● Brief
The answer should consist of each line below that contains the word "direction".

● Dataset extract

════════════════

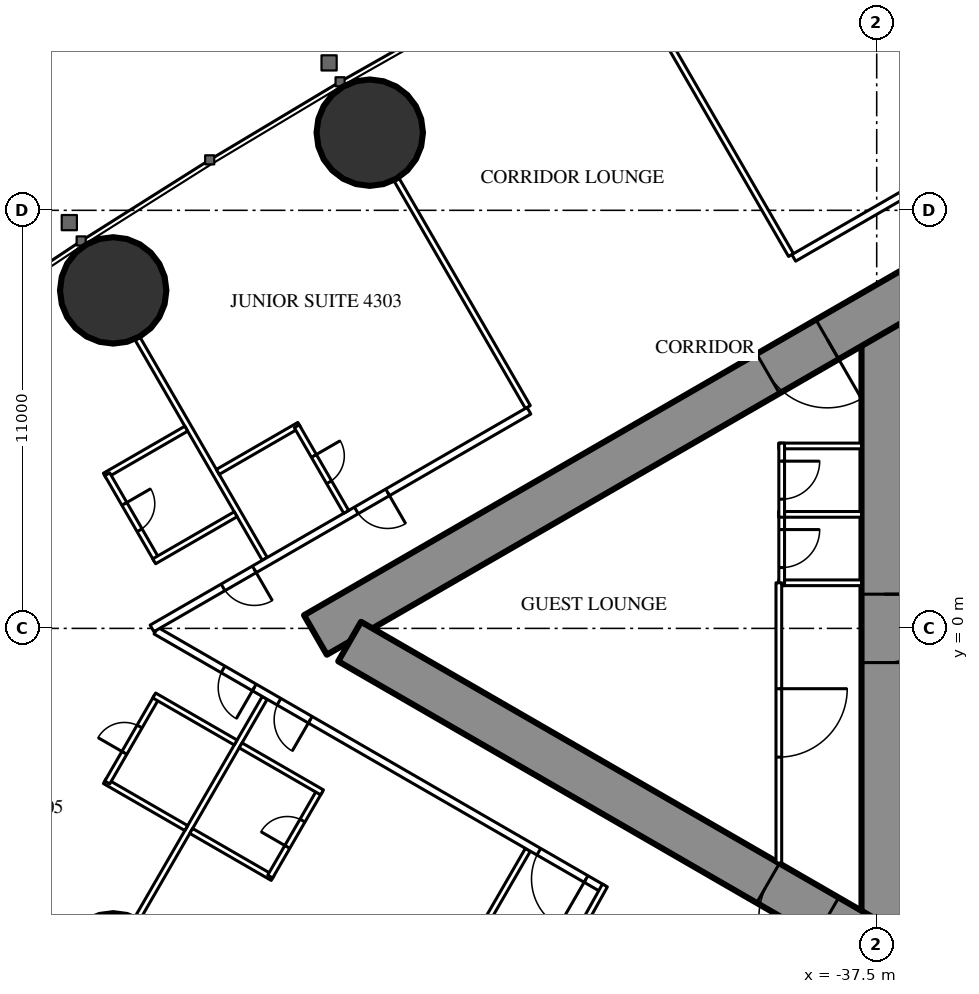
"""IFC4 building model, lengths in metres.
Left out: names, types, materials, properties, quantities, classifications, styles, units other than length and angle.
Written with IfcOpenShell. Run it as: python <this file> out.ifc"""

import sys

from ifc_helpers import new_model, si_unit, direction, frame, frame_2d, origin, origin_2d, place, context, subcontext, project, spatial, rectangle, circle, extrude, element, fill, save


model = new_model("IFC4")
c1 = context("Model", 3, precision=1e-05, world=origin(), true_north=direction((0.0, 1.0)))
c2 = subcontext(c1, "Body", "Model", "MODEL_VIEW")
j1 = project(units=[si_unit("LENGTHUNIT", "METRE"), si_unit("PLANEANGLEUNIT", "RADIAN")], contexts=[c1])
p1 = place(None, origin())
s1 = spatial("IfcSite", under=j1, at=p1, CompositionType="ELEMENT")
p2 = place(p1, origin())
s2 = spatial("IfcBuilding", under=s1, at=p2, CompositionType="ELEMENT")
p3 = place(p2, frame((0.0, 0.0, 163.3)))
s3 = spatial("IfcBuildingStorey", under=s2, at=p3, CompositionType="ELEMENT", Elevation=163.3)
for number, where, z_axis, x_axis in (
    (1, (-57.59, -8.893, 0.0), (0.0, 0.0, 1.0), (1.0, 0.0, 0.0)),
    (2, (-50.839, 13.043, 0.0), (0.0, 0.0, 1.0), (1.0, 0.0, 0.0)),
    (3, (-57.59, 8.893, 0.0), (0.0, 0.0, 1.0), (1.0, 0.0, 0.0)),
):
    element("IfcColumn", number, at=place(p3, frame(where, z_axis=z_axis, x_axis=x_axis)), inside=s3, PredefinedType="COLUMN", context=c2, shape_type="SweptSolid", body=[
        extrude(circle(Radius=1.4, at=origin_2d()), origin(), (0.0, 0.0, 1.0), 3.5),
    ])
p4 = place(p3, frame((-37.3, 8.6, 0.0), z_axis=(0.0, 0.0, 1.0), x_axis=(0.0, -1.0, 0.0)))
e4 = element("IfcWall", 4, at=p4, inside=s3, PredefinedType="SHEAR", context=c2, shape_type="SweptSolid", body=[
    extrude(rectangle(XDim=17.2, YDim=1.2, at=frame_2d((8.6, 0.0))), origin(), (0.0, 0.0, 1.0), 3.5),
])
p5 = place(p4, frame((7.7, 0.0, 0.0)))
e5 = element("IfcOpeningElement", 5, at=p5, cuts=e4, PredefinedType="OPENING", context=c2, shape_type="SweptSolid", body=[
    extrude(rectangle(XDim=1.8, YDim=2.2, at=frame_2d((0.9, 1.1))), frame((0.0, 0.61, 0.0), z_axis=(0.0, -1.0, 0.0), x_axis=(1.0, 0.0, 0.0)), (0.0, 0.0, 1.0), 1.22),
])
p6 = place(p3, frame((-27.2, 14.3, 0.0), z_axis=(0.0, 0.0, 1.0), x_axis=(-0.866026593062, -0.499997940104, 0.0)))
e6 = element("IfcWall", 6, at=p6, inside=s3, PredefinedType="SHEAR", context=c2, shape_type="SweptSolid", body=[
    extrude(rectangle(XDim=28.946, YDim=1.2, at=frame_2d((14.473, 0.0))), origin(), (0.0, 0.0, 1.0), 3.5),
])
p7 = place(p6, frame((4.6, 0.0, 0.0)))
e7 = element("IfcOpeningElement", 7, at=p7, cuts=e6, PredefinedType="OPENING", context=c2, shape_type="SweptSolid", body=[
    extrude(rectangle(XDim=1.0, YDim=2.2, at=frame_2d((0.5, 1.1))), frame((0.0, 0.61, 0.0), z_axis=(0.0, -1.0, 0.0), x_axis=(1.0, 0.0, 0.0)), (0.0, 0.0, 1.0), 1.22),
])
p8 = place(p6, frame((13.395, 0.0, 0.0)))
e8 = element("IfcOpeningElement", 8, at=p8, cuts=e6, PredefinedType="OPENING", context=c2, shape_type="SweptSolid", body=[
    extrude(rectangle(XDim=1.8, YDim=2.2, at=frame_2d((0.9, 1.1))), frame((0.0, 0.61, 0.0), z_axis=(0.0, -1.0, 0.0), x_axis=(1.0, 0.0, 0.0)), (0.0, 0.0, 1.0), 1.22),
])
p9 = place(p3, frame((-27.2, -14.3, 0.0), z_axis=(0.0, 0.0, 1.0), x_axis=(-0.866024021859, 0.500002393557, 0.0)))
e9 = element("IfcWall", 9, at=p9, inside=s3, PredefinedType="SHEAR", context=c2, shape_type="SweptSolid", body=[
    extrude(rectangle(XDim=27.907, YDim=1.2, at=frame_2d((13.954, 0.0))), origin(), (0.0, 0.0, 1.0), 3.5),
])
p10 = place(p9, frame((4.6, 0.0, 0.0)))
e10 = element("IfcOpeningElement", 10, at=p10, cuts=e9, PredefinedType="OPENING", context=c2, shape_type="SweptSolid", body=[
    extrude(rectangle(XDim=1.0, YDim=2.2, at=frame_2d((0.5, 1.1))), frame((0.0, 0.61, 0.0), z_axis=(0.0, -1.0, 0.0), x_axis=(1.0, 0.0, 0.0)), (0.0, 0.0, 1.0), 1.22),
])
p11 = place(p9, frame((13.395, 0.0, 0.0)))
e11 = element("IfcOpeningElement", 11, at=p11, cuts=e9, PredefinedType="OPENING", context=c2, shape_type="SweptSolid", body=[
    extrude(rectangle(XDim=1.8, YDim=2.2, at=frame_2d((0.9, 1.1))), frame((0.0, 0.61, 0.0), z_axis=(0.0, -1.0, 0.0), x_axis=(1.0, 0.0, 0.0)), (0.0, 0.0, 1.0), 1.22),
])
p12 = place(p3, frame((-39.754, 9.823, 0.0), z_axis=(0.0, 0.0, 1.0), x_axis=(-0.499997670926, 0.866026748472, 0.0)))
e12 = element("IfcWall", 12, at=p12, inside=s3, PredefinedType="PARTITIONING", context=c2, shape_type="SweptSolid", body=[
    extrude(rectangle(XDim=6.757, YDim=0.15, at=frame_2d((3.379, 0.0))), origin(), (0.0, 0.0, 1.0), 2.3),
])
p13 = place(p3, frame((-46.679, 5.825, 0.0), z_axis=(0.0, 0.0, 1.0), x_axis=(-0.500006839597, 0.866021454905, 0.0)))
e13 = element("IfcWall", 13, at=p13, inside=s3, PredefinedType="PARTITIONING", context=c2, shape_type="SweptSolid", body=[
    extrude(rectangle(XDim=6.911, YDim=0.15, at=frame_2d((3.456, 0.0))), origin(), (0.0, 0.0, 1.0), 2.3),
])
p14 = place(p3, frame((-53.602, 1.828, 0.0), z_axis=(0.0, 0.0, 1.0), x_axis=(-0.49999191814, 0.866030069798, 0.0)))
e14 = element("IfcWall", 14, at=p14, inside=s3, PredefinedType="PARTITIONING", context=c2, shape_type="SweptSolid", body=[
    extrude(rectangle(XDim=6.692, YDim=0.15, at=frame_2d((3.346, 0.0))), origin(), (0.0, 0.0, 1.0), 2.3),
])
p15 = place(p3, frame((-46.679, -5.825, 0.0), z_axis=(0.0, 0.0, 1.0), x_axis=(-0.500006839597, -0.866021454905, 0.0)))
e15 = element("IfcWall", 15, at=p15, inside=s3, PredefinedType="PARTITIONING", context=c2, shape_type="SweptSolid", body=[
    extrude(rectangle(XDim=6.911, YDim=0.15, at=frame_2d((3.456, 0.0))), origin(), (0.0, 0.0, 1.0), 2.3),
])
p16 = place(p3, frame((-53.602, -1.828, 0.0), z_axis=(0.0, 0.0, 1.0), x_axis=(-0.49999191814, -0.866030069798, 0.0)))
e16 = element("IfcWall", 16, at=p16, inside=s3, PredefinedType="PARTITIONING", context=c2, shape_type="SweptSolid", body=[
    extrude(rectangle(XDim=6.692, YDim=0.15, at=frame_2d((3.346, 0.0))), origin(), (0.0, 0.0, 1.0), 2.3),
])
p17 = place(p3, frame((-44.715, -6.844, 0.0), z_axis=(0.0, 0.0, 1.0), x_axis=(-0.866025261224, 0.500000246922, 0.0)))
e17 = element("IfcWall", 17, at=p17, inside=s3, PredefinedType="PARTITIONING", context=c2, shape_type="SweptSolid", body=[
    extrude(rectangle(XDim=13.567, YDim=0.2, at=frame_2d((6.783, 0.0))), origin(), (0.0, 0.0, 1.0), 3.25),
])
p18 = place(p17, frame((10.579, 0.0, 0.0)))
e18 = element("IfcOpeningElement", 18, at=p18, cuts=e17, PredefinedType="OPENING", context=c2, shape_type="SweptSolid", body=[
    extrude(rectangle(XDim=0.95, YDim=2.2, at=frame_2d((0.475, 1.1))), frame((0.0, 0.11, 0.0), z_axis=(0.0, -1.0, 0.0), x_axis=(1.0, 0.0, 0.0)), (0.0, 0.0, 1.0), 0.22),
])
p19 = place(p17, frame((8.879, 0.0, 0.0)))
e19 = element("IfcOpeningElement", 19, at=p19, cuts=e17, PredefinedType="OPENING", context=c2, shape_type="SweptSolid", body=[
    extrude(rectangle(XDim=0.95, YDim=2.2, at=frame_2d((0.475, 1.1))), frame((0.0, 0.11, 0.0), z_axis=(0.0, -1.0, 0.0), x_axis=(1.0, 0.0, 0.0)), (0.0, 0.0, 1.0), 0.22),
])
p20 = place(p17, frame((0.5, 0.0, 0.0)))
e20 = element("IfcOpeningElement", 20, at=p20, cuts=e17, PredefinedType="OPENING", context=c2, shape_type="SweptSolid", body=[
    extrude(rectangle(XDim=1.435, YDim=2.2, at=frame_2d((0.718, 1.1))), frame((0.0, 0.11, 0.0), z_axis=(0.0, -1.0, 0.0), x_axis=(1.0, 0.0, 0.0)), (0.0, 0.0, 1.0), 0.22),
])
p21 = place(p3, frame((-44.652, -6.764, 0.0), z_axis=(0.0, 0.0, 1.0), x_axis=(-0.485424724123, -0.874278466629, 0.0)))
e21 = element("IfcWall", 21, at=p21, inside=s3, PredefinedType="PARTITIONING", context=c2, shape_type="SweptSolid", body=[
    extrude(rectangle(XDim=1.805, YDim=0.15, at=frame_2d((0.903, 0.0))), origin(), (0.0, 0.0, 1.0), 3.25),
])
p22 = place(p3, frame((-27.86, 16.575, 0.0), z_axis=(0.0, 0.0, 1.0), x_axis=(-0.866026850238, -0.499997494661, 0.0)))
e22 = element("IfcWall", 22, at=p22, inside=s3, PredefinedType="PARTITIONING", context=c2, shape_type="SweptSolid", body=[
    extrude(rectangle(XDim=13.651, YDim=0.2, at=frame_2d((6.826, 0.0))), origin(), (0.0, 0.0, 1.0), 3.25),
])
p23 = place(p22, frame((3.75, 0.0, 0.0)))
e23 = element("IfcOpeningElement", 23, at=p23, cuts=e22, PredefinedType="OPENING", context=c2, shape_type="SweptSolid", body=[
    extrude(rectangle(XDim=1.0, YDim=2.2, at=frame_2d((0.5, 1.1))), frame((0.0, 0.11, 0.0), z_axis=(0.0, -1.0, 0.0), x_axis=(1.0, 0.0, 0.0)), (0.0, 0.0, 1.0), 0.22),
])
p24 = place(p3, frame((-46.65, 5.726, 0.0), z_axis=(0.0, 0.0, 1.0), x_axis=(-0.866027963864, -0.499995565786, 0.0)))
e24 = element("IfcWall", 24, at=p24, inside=s3, PredefinedType="PARTITIONING", context=c2, shape_type="SweptSolid", body=[
    extrude(rectangle(XDim=11.452, YDim=0.2, at=frame_2d((5.726, 0.0))), origin(), (0.0, 0.0, 1.0), 3.25),
])
p25 = place(p24, frame((4.294, 0.0, 0.0)))
e25 = element("IfcOpeningElement", 25, at=p25, cuts=e24, PredefinedType="OPENING", context=c2, shape_type="SweptSolid", body=[
    extrude(rectangle(XDim=0.95, YDim=2.2, at=frame_2d((0.475, 1.1))), frame((0.0, 0.11, 0.0), z_axis=(0.0, -1.0, 0.0), x_axis=(1.0, 0.0, 0.0)), (0.0, 0.0, 1.0), 0.22),
])
p26 = place(p24, frame((8.344, 0.0, 0.0)))
e26 = element("IfcOpeningElement", 26, at=p26, cuts=e24, PredefinedType="OPENING", context=c2, shape_type="SweptSolid", body=[
    extrude(rectangle(XDim=0.95, YDim=2.2, at=frame_2d((0.475, 1.1))), frame((0.0, 0.11, 0.0), z_axis=(0.0, -1.0, 0.0), x_axis=(1.0, 0.0, 0.0)), (0.0, 0.0, 1.0), 0.22),
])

════════════════

● Solution for this exercise
from ifc_helpers import new_model, si_unit, direction, frame, frame_2d, origin, origin_2d, place, context, subcontext, project, spatial, rectangle, circle, extrude, element, fill, save
c1 = context("Model", 3, precision=1e-05, world=origin(), true_north=direction((0.0, 1.0)))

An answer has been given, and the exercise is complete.